- **DIRECTIONS**
Each line of the data below either holds "drawn" or does not. Report how many do, and only that.
─── MATERIAL PROVIDED ───
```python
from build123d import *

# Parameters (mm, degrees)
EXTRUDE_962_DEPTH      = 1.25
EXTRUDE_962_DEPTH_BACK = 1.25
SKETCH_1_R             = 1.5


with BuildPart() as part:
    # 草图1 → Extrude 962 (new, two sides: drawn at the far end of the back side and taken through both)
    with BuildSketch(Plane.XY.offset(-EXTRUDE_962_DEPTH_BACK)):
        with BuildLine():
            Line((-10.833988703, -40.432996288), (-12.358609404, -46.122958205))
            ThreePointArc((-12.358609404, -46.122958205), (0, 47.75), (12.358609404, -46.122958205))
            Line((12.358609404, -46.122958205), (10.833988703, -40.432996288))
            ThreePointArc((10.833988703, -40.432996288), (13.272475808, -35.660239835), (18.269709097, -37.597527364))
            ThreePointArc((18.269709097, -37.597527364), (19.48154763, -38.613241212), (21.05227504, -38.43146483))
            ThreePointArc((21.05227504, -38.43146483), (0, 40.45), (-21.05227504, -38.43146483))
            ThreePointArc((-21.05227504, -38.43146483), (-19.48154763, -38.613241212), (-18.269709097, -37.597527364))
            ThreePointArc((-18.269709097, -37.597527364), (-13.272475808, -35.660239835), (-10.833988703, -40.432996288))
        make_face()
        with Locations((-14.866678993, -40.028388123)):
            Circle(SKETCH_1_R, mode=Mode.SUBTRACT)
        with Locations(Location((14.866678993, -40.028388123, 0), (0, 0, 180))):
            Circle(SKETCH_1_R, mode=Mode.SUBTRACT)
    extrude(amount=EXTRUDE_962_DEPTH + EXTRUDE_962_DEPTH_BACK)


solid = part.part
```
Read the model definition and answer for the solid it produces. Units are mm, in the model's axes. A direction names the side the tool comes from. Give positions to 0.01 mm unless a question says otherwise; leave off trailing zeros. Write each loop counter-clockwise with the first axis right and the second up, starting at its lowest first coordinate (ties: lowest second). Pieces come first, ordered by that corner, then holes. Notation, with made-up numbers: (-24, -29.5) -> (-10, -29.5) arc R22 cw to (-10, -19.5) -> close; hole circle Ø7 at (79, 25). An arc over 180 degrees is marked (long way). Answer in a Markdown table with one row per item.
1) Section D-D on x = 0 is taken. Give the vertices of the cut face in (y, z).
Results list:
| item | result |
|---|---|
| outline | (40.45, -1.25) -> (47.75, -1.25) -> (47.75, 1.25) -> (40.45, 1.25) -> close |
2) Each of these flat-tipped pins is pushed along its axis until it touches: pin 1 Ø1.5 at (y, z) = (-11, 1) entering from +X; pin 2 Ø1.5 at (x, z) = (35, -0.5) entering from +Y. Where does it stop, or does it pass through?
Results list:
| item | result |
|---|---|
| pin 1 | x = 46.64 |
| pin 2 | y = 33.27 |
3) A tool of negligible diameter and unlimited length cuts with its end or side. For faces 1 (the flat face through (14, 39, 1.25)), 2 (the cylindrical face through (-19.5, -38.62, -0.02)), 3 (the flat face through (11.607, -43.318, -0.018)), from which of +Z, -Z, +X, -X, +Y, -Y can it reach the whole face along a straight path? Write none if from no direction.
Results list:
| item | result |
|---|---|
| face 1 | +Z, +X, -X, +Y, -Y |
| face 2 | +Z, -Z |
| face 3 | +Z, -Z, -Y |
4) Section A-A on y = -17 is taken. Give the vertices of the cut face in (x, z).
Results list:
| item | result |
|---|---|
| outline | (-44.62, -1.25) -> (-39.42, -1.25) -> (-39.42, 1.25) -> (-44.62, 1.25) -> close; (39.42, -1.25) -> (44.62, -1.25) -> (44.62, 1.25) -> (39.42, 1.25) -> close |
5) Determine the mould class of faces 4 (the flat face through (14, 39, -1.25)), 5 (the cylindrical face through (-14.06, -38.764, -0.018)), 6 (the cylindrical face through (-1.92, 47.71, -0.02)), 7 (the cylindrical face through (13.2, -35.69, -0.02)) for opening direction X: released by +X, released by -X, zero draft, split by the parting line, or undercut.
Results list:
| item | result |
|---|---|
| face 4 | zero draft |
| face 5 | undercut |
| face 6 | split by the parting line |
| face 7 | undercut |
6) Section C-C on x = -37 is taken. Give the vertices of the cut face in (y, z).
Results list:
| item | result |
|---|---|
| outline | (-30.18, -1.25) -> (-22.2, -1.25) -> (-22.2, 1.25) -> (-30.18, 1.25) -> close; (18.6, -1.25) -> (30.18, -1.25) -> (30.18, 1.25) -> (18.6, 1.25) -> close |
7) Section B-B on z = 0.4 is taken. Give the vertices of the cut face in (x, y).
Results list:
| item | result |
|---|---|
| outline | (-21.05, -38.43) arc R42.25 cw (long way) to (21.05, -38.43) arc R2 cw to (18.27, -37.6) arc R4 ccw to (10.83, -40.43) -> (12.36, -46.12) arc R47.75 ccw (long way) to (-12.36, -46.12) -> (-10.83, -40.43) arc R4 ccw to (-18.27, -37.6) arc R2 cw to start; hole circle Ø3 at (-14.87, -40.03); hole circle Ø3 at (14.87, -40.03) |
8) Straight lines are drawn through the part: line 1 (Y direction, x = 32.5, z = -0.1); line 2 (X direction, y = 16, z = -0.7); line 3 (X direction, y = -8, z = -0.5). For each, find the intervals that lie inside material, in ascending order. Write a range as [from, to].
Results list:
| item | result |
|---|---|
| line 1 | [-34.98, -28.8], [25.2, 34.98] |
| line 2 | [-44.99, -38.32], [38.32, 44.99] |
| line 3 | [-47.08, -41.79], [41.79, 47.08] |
───
- **YOUR RESPONSE**
2